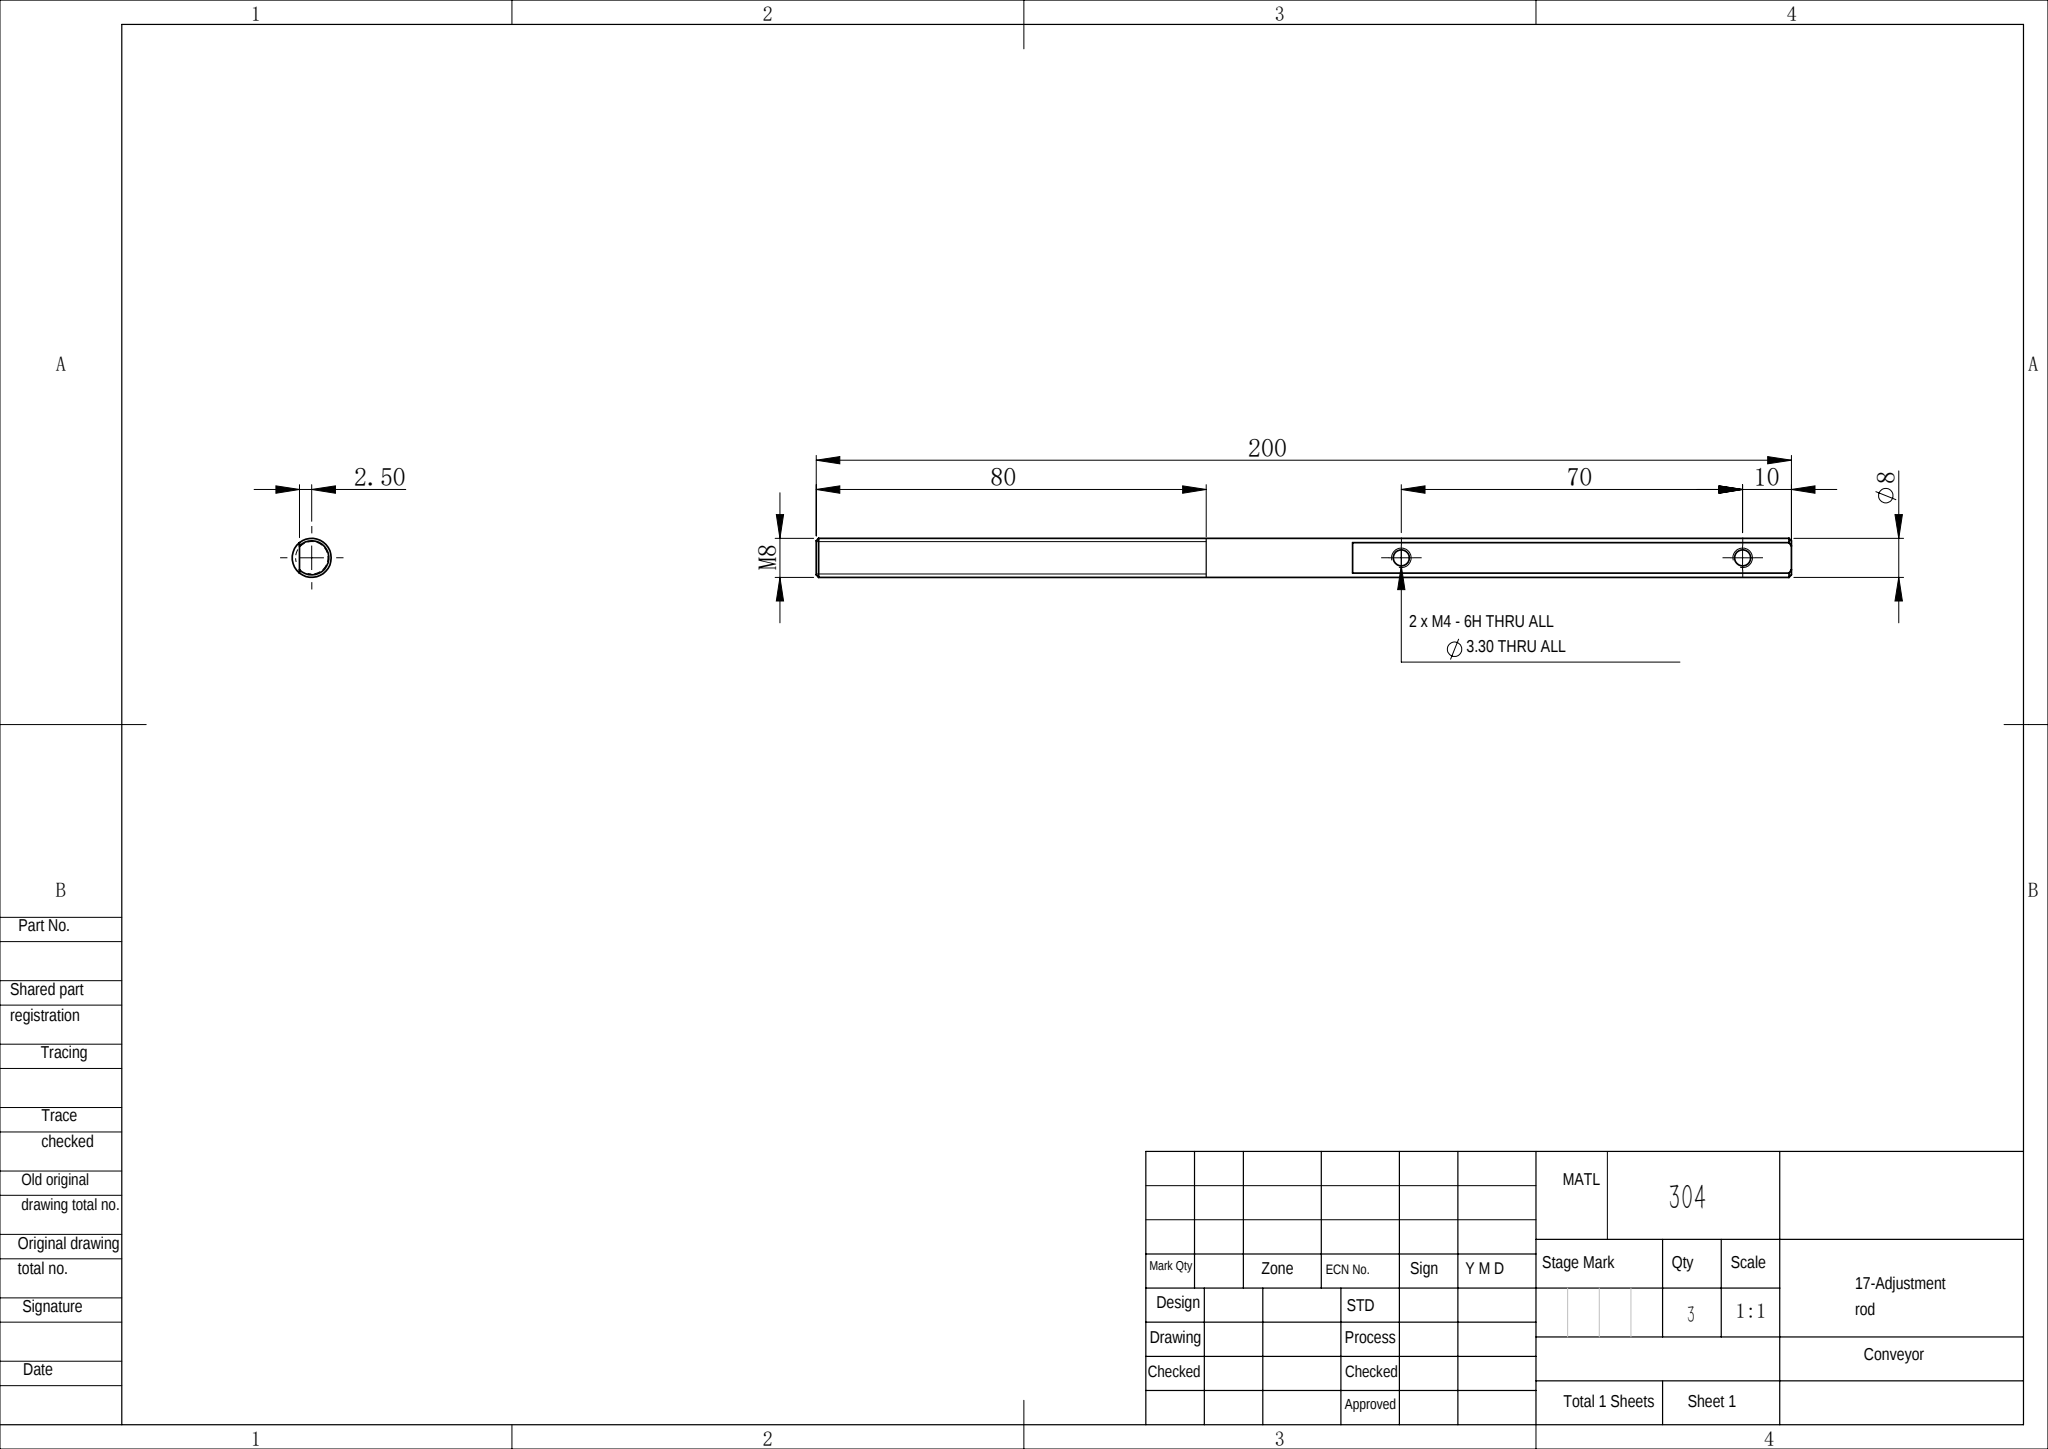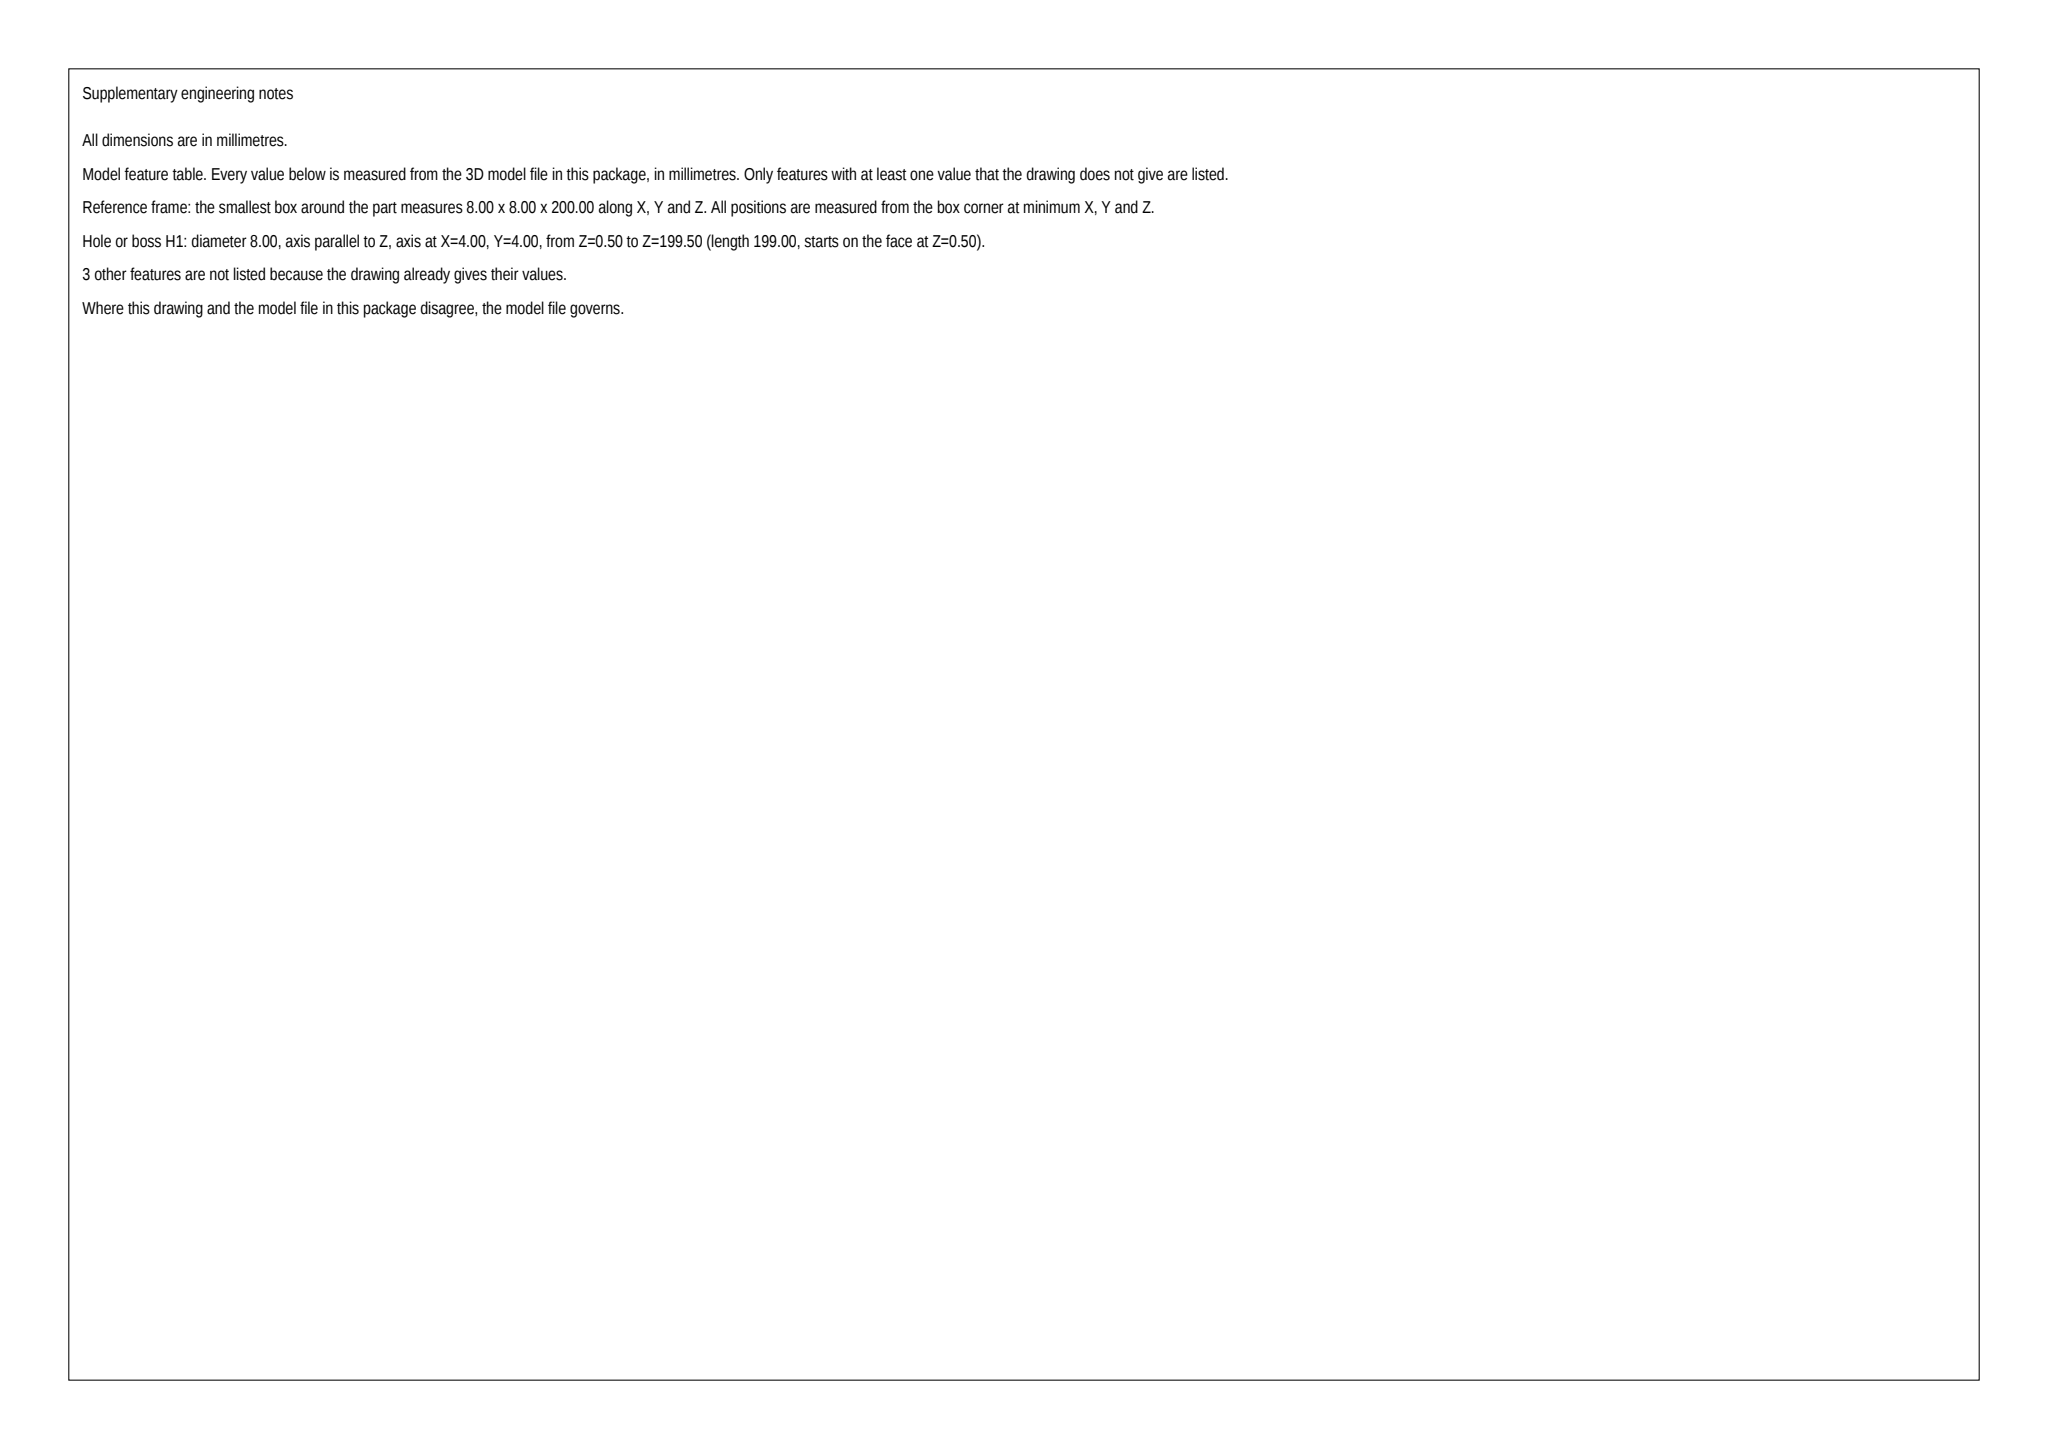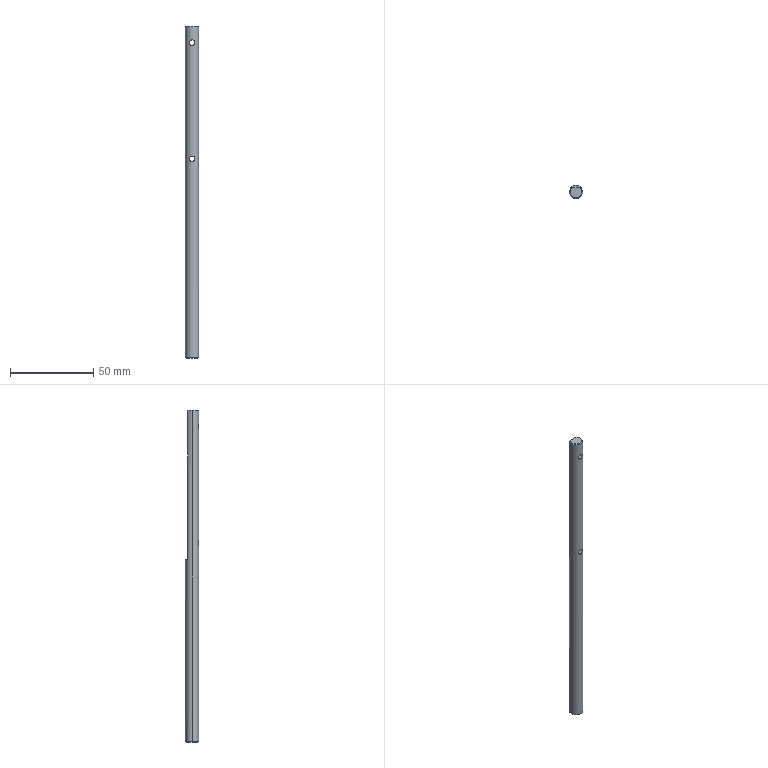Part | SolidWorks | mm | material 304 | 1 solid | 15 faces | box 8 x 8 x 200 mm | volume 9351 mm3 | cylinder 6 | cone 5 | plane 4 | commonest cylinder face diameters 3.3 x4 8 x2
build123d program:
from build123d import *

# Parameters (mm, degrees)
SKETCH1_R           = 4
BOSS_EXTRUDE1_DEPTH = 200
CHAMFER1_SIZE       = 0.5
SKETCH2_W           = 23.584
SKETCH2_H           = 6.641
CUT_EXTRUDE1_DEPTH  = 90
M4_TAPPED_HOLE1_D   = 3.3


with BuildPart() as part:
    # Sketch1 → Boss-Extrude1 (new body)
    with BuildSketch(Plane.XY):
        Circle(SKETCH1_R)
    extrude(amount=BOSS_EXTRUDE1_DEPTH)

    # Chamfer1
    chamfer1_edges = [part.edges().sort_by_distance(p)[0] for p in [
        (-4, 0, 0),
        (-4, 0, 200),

----

_ASSIGNED TASK_
Output all lines above precisely. Pictures are to be left out.

_WRITTEN SOLUTION_
Part | SolidWorks | mm | material 304 | 1 solid | 15 faces | box 8 x 8 x 200 mm | volume 9351 mm3 | cylinder 6 | cone 5 | plane 4 | commonest cylinder face diameters 3.3 x4 8 x2
build123d program:
from build123d import *

# Parameters (mm, degrees)
SKETCH1_R           = 4
BOSS_EXTRUDE1_DEPTH = 200
CHAMFER1_SIZE       = 0.5
SKETCH2_W           = 23.584
SKETCH2_H           = 6.641
CUT_EXTRUDE1_DEPTH  = 90
M4_TAPPED_HOLE1_D   = 3.3


with BuildPart() as part:
    # Sketch1 → Boss-Extrude1 (new body)
    with BuildSketch(Plane.XY):
        Circle(SKETCH1_R)
    extrude(amount=BOSS_EXTRUDE1_DEPTH)

    # Chamfer1
    chamfer1_edges = [part.edges().sort_by_distance(p)[0] for p in [
        (-4, 0, 0),
        (-4, 0, 200),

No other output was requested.